- **Instructions for the task**:
At the line with "#359=FACE_OUTER_BOUND('',#358,.T.);", start repeating the data, and continue line by line through the final line, exactly.

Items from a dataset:

Content starts

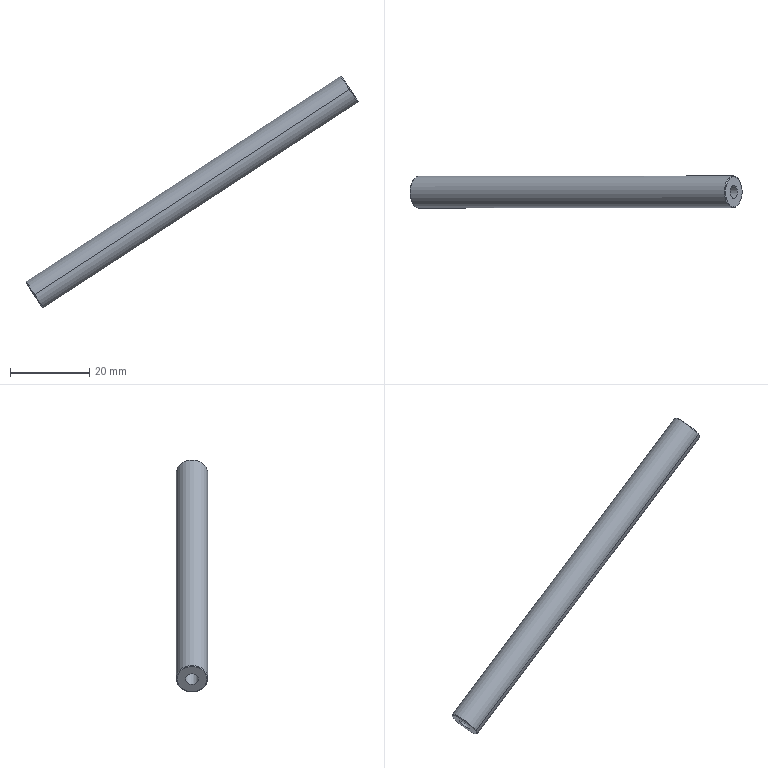Component | SolidWorks | NewSuctionCupGroup-1_GuideRod01-2 | 1 solid | 16 faces | box 83.68 x 8 x 58.45 mm | volume 4596 mm3 | cone 8 | cylinder 6 | plane 2 | commonest cylinder face diameters 3.3 x4 8 x2
build123d program:
from build123d import *

# Parameters (mm, degrees)
SKETCH1_R             = 4
BOSS_EXTRUDE1_DEPTH   = 95
CHAMFER1_SIZE         = 0.2
M4_TAPPED_HOLE1_D     = 3.3
M4_TAPPED_HOLE1_DEPTH = 10.1
M4_TAPPED_HOLE1_TIP   = 0.9914
M4_TAPPED_HOLE2_D     = 3.3
M4_TAPPED_HOLE2_DEPTH = 10.1
M4_TAPPED_HOLE2_TIP   = 0.9914


with BuildPart() as part:
    # Sketch1 → Boss-Extrude1 (new body)
    with BuildSketch(Plane.XY):
        Circle(SKETCH1_R)
    extrude(amount=BOSS_EXTRUDE1_DEPTH)

    # Chamfer1
    chamfer1_edges = [part.edges().sort_by_distance(p)[0] for p in [
        (-4, 0, 0),
        (-4, 0, 95),
    ]]
    chamfer(chamfer1_edges, length=CHAMFER1_SIZE)

    # M4 Tapped Hole1
    with Locations(Plane.XY.offset(95)):
        with Locations((0, 0)):
            Hole(M4_TAPPED_HOLE1_D / 2, depth=M4_TAPPED_HOLE1_DEPTH)
            with Locations((0, 0, -(M4_TAPPED_HOLE1_DEPTH + M4_TAPPED_HOLE1_TIP / 2))):  # 118° drill point
                Cone(0, M4_TAPPED_HOLE1_D / 2, M4_TAPPED_HOLE1_TIP, mode=Mode.SUBTRACT)

    # M4 Tapped Hole2
    with Locations(Plane(origin=(0, 0, 0), x_dir=(-1, 0, 0), z_dir=(0, 0, -1))):
        with Locations((0, 0)):
            Hole(M4_TAPPED_HOLE2_D / 2, depth=M4_TAPPED_HOLE2_DEPTH)
            with Locations((0, 0, -(M4_TAPPED_HOLE2_DEPTH + M4_TAPPED_HOLE2_TIP / 2))):  # 118° drill point
                Cone(0, M4_TAPPED_HOLE2_D / 2, M4_TAPPED_HOLE2_TIP, mode=Mode.SUBTRACT)


solid = part.part

# Placed as in the assembly
solid = solid.moved(Location((-73.051, -140.454, -18.564), (0, 56.835, 67.886)))
STEP:
#1=CARTESIAN_POINT('',(-0.07801,-5.595,1.098));
#2=VERTEX_POINT('',#1);
#3=CARTESIAN_POINT('',(-0.07801,-5.465,1.098));
#4=VERTEX_POINT('',#3);
#5=CARTESIAN_POINT('',(-0.07801,-5.53,1.098));
#6=DIRECTION('',(0.8371,-0.,0.5471));
#7=DIRECTION('',(0.,1.,0.));
#8=AXIS2_PLACEMENT_3D('',#5,#6,#7);
#9=CIRCLE('',#8,0.06496);
#10=EDGE_CURVE('',#2,#4,#9,.T.);
#11=ORIENTED_EDGE('',*,*,#10,.F.);
#12=CARTESIAN_POINT('',(0.2548,-5.595,1.315));
#13=VERTEX_POINT('',#12);
#14=CARTESIAN_POINT('',(0.2548,-5.595,1.315));
#15=DIRECTION('',(0.8371,-0.,0.5471));
#16=VECTOR('',#15,39.37);
#17=LINE('',#14,#16);
#18=EDGE_CURVE('',#2,#13,#17,.T.);
#19=ORIENTED_EDGE('',*,*,#18,.T.);
#20=CARTESIAN_POINT('',(0.2548,-5.465,1.315));
#21=VERTEX_POINT('',#20);
#22=CARTESIAN_POINT('',(0.2548,-5.53,1.315));
#23=DIRECTION('',(0.8371,-0.,0.5471));
#24=DIRECTION('',(0.,1.,0.));
#25=AXIS2_PLACEMENT_3D('',#22,#23,#24);
#26=CIRCLE('',#25,0.06496);
#27=EDGE_CURVE('',#13,#21,#26,.T.);
#28=ORIENTED_EDGE('',*,*,#27,.T.);
#29=CARTESIAN_POINT('',(0.2548,-5.465,1.315));
#30=DIRECTION('',(0.8371,-0.,0.5471));
#31=VECTOR('',#30,39.37);
#32=LINE('',#29,#31);
#33=EDGE_CURVE('',#4,#21,#32,.T.);
#34=ORIENTED_EDGE('',*,*,#33,.F.);
#35=EDGE_LOOP('',(#11,#19,#28,#34));
#36=FACE_OUTER_BOUND('',#35,.T.);
#37=CARTESIAN_POINT('',(0.2548,-5.53,1.315));
#38=DIRECTION('',(0.8371,-0.,0.5471));
#39=DIRECTION('',(0.,1.,0.));
#40=AXIS2_PLACEMENT_3D('',#37,#38,#39);
#41=CYLINDRICAL_SURFACE('',#40,0.06496);
#42=ADVANCED_FACE('',(#36),#41,.F.);
#43=CARTESIAN_POINT('',(-0.1107,-5.53,1.076));
#44=VERTEX_POINT('',#43);
#45=CARTESIAN_POINT('',(-0.07801,-5.465,1.098));
#46=DIRECTION('',(0.4311,0.8572,0.2818));
#47=VECTOR('',#46,39.37);
#48=LINE('',#45,#47);
#49=EDGE_CURVE('',#44,#4,#48,.T.);
#50=ORIENTED_EDGE('',*,*,#49,.F.);
#51=CARTESIAN_POINT('',(-0.07801,-5.595,1.098));
#52=DIRECTION('',(0.4311,-0.8572,0.2818));
#53=VECTOR('',#52,39.37);
#54=LINE('',#51,#53);
#55=EDGE_CURVE('',#44,#2,#54,.T.);
#56=ORIENTED_EDGE('',*,*,#55,.T.);
#57=ORIENTED_EDGE('',*,*,#10,.T.);
#58=EDGE_LOOP('',(#50,#56,#57));
#59=FACE_OUTER_BOUND('',#58,.T.);
#60=CARTESIAN_POINT('',(-0.07801,-5.53,1.098));
#61=DIRECTION('',(0.8371,-0.,0.5471));
#62=DIRECTION('',(0.,1.,0.));
#63=AXIS2_PLACEMENT_3D('',#60,#61,#62);
#64=CONICAL_SURFACE('',#63,0.06496,1.03);
#65=ADVANCED_FACE('',(#59),#64,.F.);
#66=CARTESIAN_POINT('',(-2.543,-5.465,-0.5133));
#67=VERTEX_POINT('',#66);
#68=CARTESIAN_POINT('',(-2.543,-5.595,-0.5133));
#69=VERTEX_POINT('',#68);
#70=CARTESIAN_POINT('',(-2.543,-5.53,-0.5133));
#71=DIRECTION('',(-0.8371,0.,-0.5471));
#72=DIRECTION('',(0.,-1.,0.));
#73=AXIS2_PLACEMENT_3D('',#70,#71,#72);
#74=CIRCLE('',#73,0.06496);
#75=EDGE_CURVE('',#67,#69,#74,.T.);
#76=ORIENTED_EDGE('',*,*,#75,.F.);
#77=CARTESIAN_POINT('',(-2.876,-5.465,-0.7309));
#78=VERTEX_POINT('',#77);
#79=CARTESIAN_POINT('',(-2.876,-5.465,-0.7309));
#80=DIRECTION('',(-0.8371,0.,-0.5471));
#81=VECTOR('',#80,39.37);
#82=LINE('',#79,#81);
#83=EDGE_CURVE('',#67,#78,#82,.T.);
#84=ORIENTED_EDGE('',*,*,#83,.T.);
#85=CARTESIAN_POINT('',(-2.876,-5.595,-0.7309));
#86=VERTEX_POINT('',#85);
#87=CARTESIAN_POINT('',(-2.876,-5.53,-0.7309));
#88=DIRECTION('',(-0.8371,0.,-0.5471));
#89=DIRECTION('',(0.,-1.,0.));
#90=AXIS2_PLACEMENT_3D('',#87,#88,#89);
#91=CIRCLE('',#90,0.06496);
#92=EDGE_CURVE('',#78,#86,#91,.T.);
#93=ORIENTED_EDGE('',*,*,#92,.T.);
#94=CARTESIAN_POINT('',(-2.876,-5.595,-0.7309));
#95=DIRECTION('',(-0.8371,0.,-0.5471));
#96=VECTOR('',#95,39.37);
#97=LINE('',#94,#96);
#98=EDGE_CURVE('',#69,#86,#97,.T.);
#99=ORIENTED_EDGE('',*,*,#98,.F.);
#100=EDGE_LOOP('',(#76,#84,#93,#99));
#101=FACE_OUTER_BOUND('',#100,.T.);
#102=CARTESIAN_POINT('',(-2.876,-5.53,-0.7309));
#103=DIRECTION('',(-0.8371,0.,-0.5471));
#104=DIRECTION('',(0.,-1.,0.));
#105=AXIS2_PLACEMENT_3D('',#102,#103,#104);
#106=CYLINDRICAL_SURFACE('',#105,0.06496);
#107=ADVANCED_FACE('',(#101),#106,.F.);
#108=CARTESIAN_POINT('',(-2.51,-5.53,-0.492));
#109=VERTEX_POINT('',#108);
#110=CARTESIAN_POINT('',(-2.543,-5.595,-0.5133));
#111=DIRECTION('',(-0.4311,-0.8572,-0.2818));
#112=VECTOR('',#111,39.37);
#113=LINE('',#110,#112);
#114=EDGE_CURVE('',#109,#69,#113,.T.);
#115=ORIENTED_EDGE('',*,*,#114,.F.);
#116=CARTESIAN_POINT('',(-2.543,-5.465,-0.5133));
#117=DIRECTION('',(-0.4311,0.8572,-0.2818));
#118=VECTOR('',#117,39.37);
#119=LINE('',#116,#118);
#120=EDGE_CURVE('',#109,#67,#119,.T.);
#121=ORIENTED_EDGE('',*,*,#120,.T.);
#122=ORIENTED_EDGE('',*,*,#75,.T.);
#123=EDGE_LOOP('',(#115,#121,#122));
#124=FACE_OUTER_BOUND('',#123,.T.);
#125=CARTESIAN_POINT('',(-2.543,-5.53,-0.5133));
#126=DIRECTION('',(-0.8371,0.,-0.5471));
#127=DIRECTION('',(0.,-1.,0.));
#128=AXIS2_PLACEMENT_3D('',#125,#126,#127);
#129=CONICAL_SURFACE('',#128,0.06496,1.03);
#130=ADVANCED_FACE('',(#124),#129,.F.);
#131=CARTESIAN_POINT('',(-2.876,-5.679,-0.7309));
#132=VERTEX_POINT('',#131);
#133=CARTESIAN_POINT('',(-2.876,-5.38,-0.7309));
#134=VERTEX_POINT('',#133);
#135=CARTESIAN_POINT('',(-2.876,-5.53,-0.7309));
#136=DIRECTION('',(-0.8371,0.,-0.5471));
#137=DIRECTION('',(0.,-1.,0.));
#138=AXIS2_PLACEMENT_3D('',#135,#136,#137);
#139=CIRCLE('',#138,0.1496);
#140=EDGE_CURVE('',#132,#134,#139,.T.);
#141=ORIENTED_EDGE('',*,*,#140,.F.);
#142=CARTESIAN_POINT('',(-2.869,-5.687,-0.7266));
#143=VERTEX_POINT('',#142);
#144=CARTESIAN_POINT('',(-2.876,-5.679,-0.7309));
#145=DIRECTION('',(0.5919,-0.7071,0.3868));
#146=VECTOR('',#145,39.37);
#147=LINE('',#144,#146);
#148=EDGE_CURVE('',#132,#143,#147,.T.);
#149=ORIENTED_EDGE('',*,*,#148,.T.);
#150=CARTESIAN_POINT('',(-2.869,-5.372,-0.7266));
#151=VERTEX_POINT('',#150);
#152=CARTESIAN_POINT('',(-2.869,-5.53,-0.7266));
#153=DIRECTION('',(0.8371,-0.,0.5471));
#154=DIRECTION('',(0.,-1.,-0.));
#155=AXIS2_PLACEMENT_3D('',#152,#153,#154);
#156=CIRCLE('',#155,0.1575);
#157=EDGE_CURVE('',#151,#143,#156,.T.);
#158=ORIENTED_EDGE('',*,*,#157,.F.);
#159=CARTESIAN_POINT('',(-2.876,-5.38,-0.7309));
#160=DIRECTION('',(0.5919,0.7071,0.3868));
#161=VECTOR('',#160,39.37);
#162=LINE('',#159,#161);
#163=EDGE_CURVE('',#134,#151,#162,.T.);
#164=ORIENTED_EDGE('',*,*,#163,.F.);
#165=EDGE_LOOP('',(#141,#149,#158,#164));
#166=FACE_OUTER_BOUND('',#165,.T.);
#167=CARTESIAN_POINT('',(-2.876,-5.53,-0.7309));
#168=DIRECTION('',(0.8371,-0.,0.5471));
#169=DIRECTION('',(0.,1.,-0.));
#170=AXIS2_PLACEMENT_3D('',#167,#168,#169);
#171=CONICAL_SURFACE('',#170,0.1496,0.7854);
#172=ADVANCED_FACE('',(#166),#171,.T.);
#173=CARTESIAN_POINT('',(0.2548,-5.38,1.315));
#174=VERTEX_POINT('',#173);
#175=CARTESIAN_POINT('',(0.2548,-5.679,1.315));
#176=VERTEX_POINT('',#175);
#177=CARTESIAN_POINT('',(0.2548,-5.53,1.315));
#178=DIRECTION('',(0.8371,-0.,0.5471));
#179=DIRECTION('',(-0.,-1.,0.));
#180=AXIS2_PLACEMENT_3D('',#177,#178,#179);
#181=CIRCLE('',#180,0.1496);
#182=EDGE_CURVE('',#174,#176,#181,.T.);
#183=ORIENTED_EDGE('',*,*,#182,.F.);
#184=CARTESIAN_POINT('',(0.2483,-5.372,1.311));
#185=VERTEX_POINT('',#184);
#186=CARTESIAN_POINT('',(0.2483,-5.372,1.311));
#187=DIRECTION('',(-0.5919,0.7071,-0.3868));
#188=VECTOR('',#187,39.37);
#189=LINE('',#186,#188);
#190=EDGE_CURVE('',#174,#185,#189,.T.);
#191=ORIENTED_EDGE('',*,*,#190,.T.);
#192=CARTESIAN_POINT('',(0.2483,-5.687,1.311));
#193=VERTEX_POINT('',#192);
#194=CARTESIAN_POINT('',(0.2483,-5.53,1.311));
#195=DIRECTION('',(-0.8371,0.,-0.5471));
#196=DIRECTION('',(-0.,-1.,0.));
#197=AXIS2_PLACEMENT_3D('',#194,#195,#196);
#198=CIRCLE('',#197,0.1575);
#199=EDGE_CURVE('',#193,#185,#198,.T.);
#200=ORIENTED_EDGE('',*,*,#199,.F.);
#201=CARTESIAN_POINT('',(0.2483,-5.687,1.311));
#202=DIRECTION('',(-0.5919,-0.7071,-0.3868));
#203=VECTOR('',#202,39.37);
#204=LINE('',#201,#203);
#205=EDGE_CURVE('',#176,#193,#204,.T.);
#206=ORIENTED_EDGE('',*,*,#205,.F.);
#207=EDGE_LOOP('',(#183,#191,#200,#206));
#208=FACE_OUTER_BOUND('',#207,.T.);
#209=CARTESIAN_POINT('',(0.2483,-5.53,1.311));
#210=DIRECTION('',(-0.8371,0.,-0.5471));
#211=DIRECTION('',(-0.,-1.,0.));
#212=AXIS2_PLACEMENT_3D('',#209,#210,#211);
#213=CONICAL_SURFACE('',#212,0.1575,0.7854);
#214=ADVANCED_FACE('',(#208),#213,.T.);
#215=ORIENTED_EDGE('',*,*,#157,.T.);
#216=CARTESIAN_POINT('',(-2.876,-5.687,-0.7309));
#217=DIRECTION('',(0.8371,-0.,0.5471));
#218=VECTOR('',#217,39.37);
#219=LINE('',#216,#218);
#220=EDGE_CURVE('',#143,#193,#219,.T.);
#221=ORIENTED_EDGE('',*,*,#220,.T.);
#222=ORIENTED_EDGE('',*,*,#199,.T.);
#223=CARTESIAN_POINT('',(-2.876,-5.372,-0.7309));
#224=DIRECTION('',(0.8371,-0.,0.5471));
#225=VECTOR('',#224,39.37);
#226=LINE('',#223,#225);
#227=EDGE_CURVE('',#151,#185,#226,.T.);
#228=ORIENTED_EDGE('',*,*,#227,.F.);
#229=EDGE_LOOP('',(#215,#221,#222,#228));
#230=FACE_OUTER_BOUND('',#229,.T.);
#231=CARTESIAN_POINT('',(-2.876,-5.53,-0.7309));
#232=DIRECTION('',(0.8371,-0.,0.5471));
#233=DIRECTION('',(0.,1.,-0.));
#234=AXIS2_PLACEMENT_3D('',#231,#232,#233);
#235=CYLINDRICAL_SURFACE('',#234,0.1575);
#236=ADVANCED_FACE('',(#230),#235,.T.);
#237=ORIENTED_EDGE('',*,*,#220,.F.);
#238=CARTESIAN_POINT('',(-2.869,-5.53,-0.7266));
#239=DIRECTION('',(0.8371,-0.,0.5471));
#240=DIRECTION('',(-0.,-1.,0.));
#241=AXIS2_PLACEMENT_3D('',#238,#239,#240);
#242=CIRCLE('',#241,0.1575);
#243=EDGE_CURVE('',#143,#151,#242,.T.);
#244=ORIENTED_EDGE('',*,*,#243,.T.);
#245=ORIENTED_EDGE('',*,*,#227,.T.);
#246=CARTESIAN_POINT('',(0.2483,-5.53,1.311));
#247=DIRECTION('',(-0.8371,0.,-0.5471));
#248=DIRECTION('',(-0.,-1.,0.));
#249=AXIS2_PLACEMENT_3D('',#246,#247,#248);
#250=CIRCLE('',#249,0.1575);
#251=EDGE_CURVE('',#185,#193,#250,.T.);
#252=ORIENTED_EDGE('',*,*,#251,.T.);
#253=EDGE_LOOP('',(#237,#244,#245,#252));
#254=FACE_OUTER_BOUND('',#253,.T.);
#255=CARTESIAN_POINT('',(-2.876,-5.53,-0.7309));
#256=DIRECTION('',(0.8371,-0.,0.5471));
#257=DIRECTION('',(0.,1.,-0.));
#258=AXIS2_PLACEMENT_3D('',#255,#256,#257);
#259=CYLINDRICAL_SURFACE('',#258,0.1575);
#260=ADVANCED_FACE('',(#254),#259,.T.);
#261=CARTESIAN_POINT('',(-2.876,-5.53,-0.7309));
#262=DIRECTION('',(-0.8371,0.,-0.5471));
#263=DIRECTION('',(0.,-1.,0.));
#264=AXIS2_PLACEMENT_3D('',#261,#262,#263);
#265=CIRCLE('',#264,0.06496);
#266=EDGE_CURVE('',#86,#78,#265,.T.);
#267=ORIENTED_EDGE('',*,*,#266,.F.);
#268=ORIENTED_EDGE('',*,*,#92,.F.);
#269=EDGE_LOOP('',(#267,#268));
#270=FACE_BOUND('',#269,.T.);
#271=CARTESIAN_POINT('',(-2.876,-5.53,-0.7309));
#272=DIRECTION('',(-0.8371,0.,-0.5471));
#273=DIRECTION('',(0.,-1.,0.));
#274=AXIS2_PLACEMENT_3D('',#271,#272,#273);
#275=CIRCLE('',#274,0.1496);
#276=EDGE_CURVE('',#134,#132,#275,.T.);
#277=ORIENTED_EDGE('',*,*,#276,.T.);
#278=ORIENTED_EDGE('',*,*,#140,.T.);
#279=EDGE_LOOP('',(#277,#278));
#280=FACE_OUTER_BOUND('',#279,.T.);
#281=CARTESIAN_POINT('',(-2.876,-5.53,-0.7309));
#282=DIRECTION('',(-0.8371,0.,-0.5471));
#283=DIRECTION('',(-0.,-1.,0.));
#284=AXIS2_PLACEMENT_3D('',#281,#282,#283);
#285=PLANE('',#284);
#286=ADVANCED_FACE('',(#270,#280),#285,.T.);
#287=CARTESIAN_POINT('',(0.2548,-5.53,1.315));
#288=DIRECTION('',(0.8371,-0.,0.5471));
#289=DIRECTION('',(0.,1.,0.));
#290=AXIS2_PLACEMENT_3D('',#287,#288,#289);
#291=CIRCLE('',#290,0.06496);
#292=EDGE_CURVE('',#21,#13,#291,.T.);
#293=ORIENTED_EDGE('',*,*,#292,.F.);
#294=ORIENTED_EDGE('',*,*,#27,.F.);
#295=EDGE_LOOP('',(#293,#294));
#296=FACE_BOUND('',#295,.T.);
#297=CARTESIAN_POINT('',(0.2548,-5.53,1.315));
#298=DIRECTION('',(0.8371,-0.,0.5471));
#299=DIRECTION('',(-0.,-1.,0.));
#300=AXIS2_PLACEMENT_3D('',#297,#298,#299);
#301=CIRCLE('',#300,0.1496);
#302=EDGE_CURVE('',#176,#174,#301,.T.);
#303=ORIENTED_EDGE('',*,*,#302,.T.);
#304=ORIENTED_EDGE('',*,*,#182,.T.);
#305=EDGE_LOOP('',(#303,#304));
#306=FACE_OUTER_BOUND('',#305,.T.);
#307=CARTESIAN_POINT('',(0.2548,-5.53,1.315));
#308=DIRECTION('',(-0.8371,0.,-0.5471));
#309=DIRECTION('',(-0.,-1.,0.));
#310=AXIS2_PLACEMENT_3D('',#307,#308,#309);
#311=PLANE('',#310);
#312=ADVANCED_FACE('',(#296,#306),#311,.F.);
#313=ORIENTED_EDGE('',*,*,#190,.F.);
#314=ORIENTED_EDGE('',*,*,#302,.F.);
#315=ORIENTED_EDGE('',*,*,#205,.T.);
#316=ORIENTED_EDGE('',*,*,#251,.F.);
#317=EDGE_LOOP('',(#313,#314,#315,#316));
#318=FACE_OUTER_BOUND('',#317,.T.);
#319=CARTESIAN_POINT('',(0.2483,-5.53,1.311));
#320=DIRECTION('',(-0.8371,0.,-0.5471));
#321=DIRECTION('',(-0.,-1.,0.));
#322=AXIS2_PLACEMENT_3D('',#319,#320,#321);
#323=CONICAL_SURFACE('',#322,0.1575,0.7854);
#324=ADVANCED_FACE('',(#318),#323,.T.);
#325=ORIENTED_EDGE('',*,*,#148,.F.);
#326=ORIENTED_EDGE('',*,*,#276,.F.);
#327=ORIENTED_EDGE('',*,*,#163,.T.);
#328=ORIENTED_EDGE('',*,*,#243,.F.);
#329=EDGE_LOOP('',(#325,#326,#327,#328));
#330=FACE_OUTER_BOUND('',#329,.T.);
#331=CARTESIAN_POINT('',(-2.876,-5.53,-0.7309));
#332=DIRECTION('',(0.8371,-0.,0.5471));
#333=DIRECTION('',(0.,1.,-0.));
#334=AXIS2_PLACEMENT_3D('',#331,#332,#333);
#335=CONICAL_SURFACE('',#334,0.1496,0.7854);
#336=ADVANCED_FACE('',(#330),#335,.T.);
#337=ORIENTED_EDGE('',*,*,#120,.F.);
#338=ORIENTED_EDGE('',*,*,#114,.T.);
#339=CARTESIAN_POINT('',(-2.543,-5.53,-0.5133));
#340=DIRECTION('',(-0.8371,0.,-0.5471));
#341=DIRECTION('',(0.,-1.,0.));
#342=AXIS2_PLACEMENT_3D('',#339,#340,#341);
#343=CIRCLE('',#342,0.06496);
#344=EDGE_CURVE('',#69,#67,#343,.T.);
#345=ORIENTED_EDGE('',*,*,#344,.T.);
#346=EDGE_LOOP('',(#337,#338,#345));
#347=FACE_OUTER_BOUND('',#346,.T.);
#348=CARTESIAN_POINT('',(-2.543,-5.53,-0.5133));
#349=DIRECTION('',(-0.8371,0.,-0.5471));
#350=DIRECTION('',(0.,-1.,0.));
#351=AXIS2_PLACEMENT_3D('',#348,#349,#350);
#352=CONICAL_SURFACE('',#351,0.06496,1.03);
#353=ADVANCED_FACE('',(#347),#352,.F.);
#354=ORIENTED_EDGE('',*,*,#83,.F.);
#355=ORIENTED_EDGE('',*,*,#344,.F.);
#356=ORIENTED_EDGE('',*,*,#98,.T.);
#357=ORIENTED_EDGE('',*,*,#266,.T.);
#358=EDGE_LOOP('',(#354,#355,#356,#357));
#359=FACE_OUTER_BOUND('',#358,.T.);
#360=CARTESIAN_POINT('',(-2.876,-5.53,-0.7309));
#361=DIRECTION('',(-0.8371,0.,-0.5471));
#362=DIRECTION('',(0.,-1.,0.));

Content ends

- **Response to this task**:
#359=FACE_OUTER_BOUND('',#358,.T.);
#360=CARTESIAN_POINT('',(-2.876,-5.53,-0.7309));
#361=DIRECTION('',(-0.8371,0.,-0.5471));
#362=DIRECTION('',(0.,-1.,0.));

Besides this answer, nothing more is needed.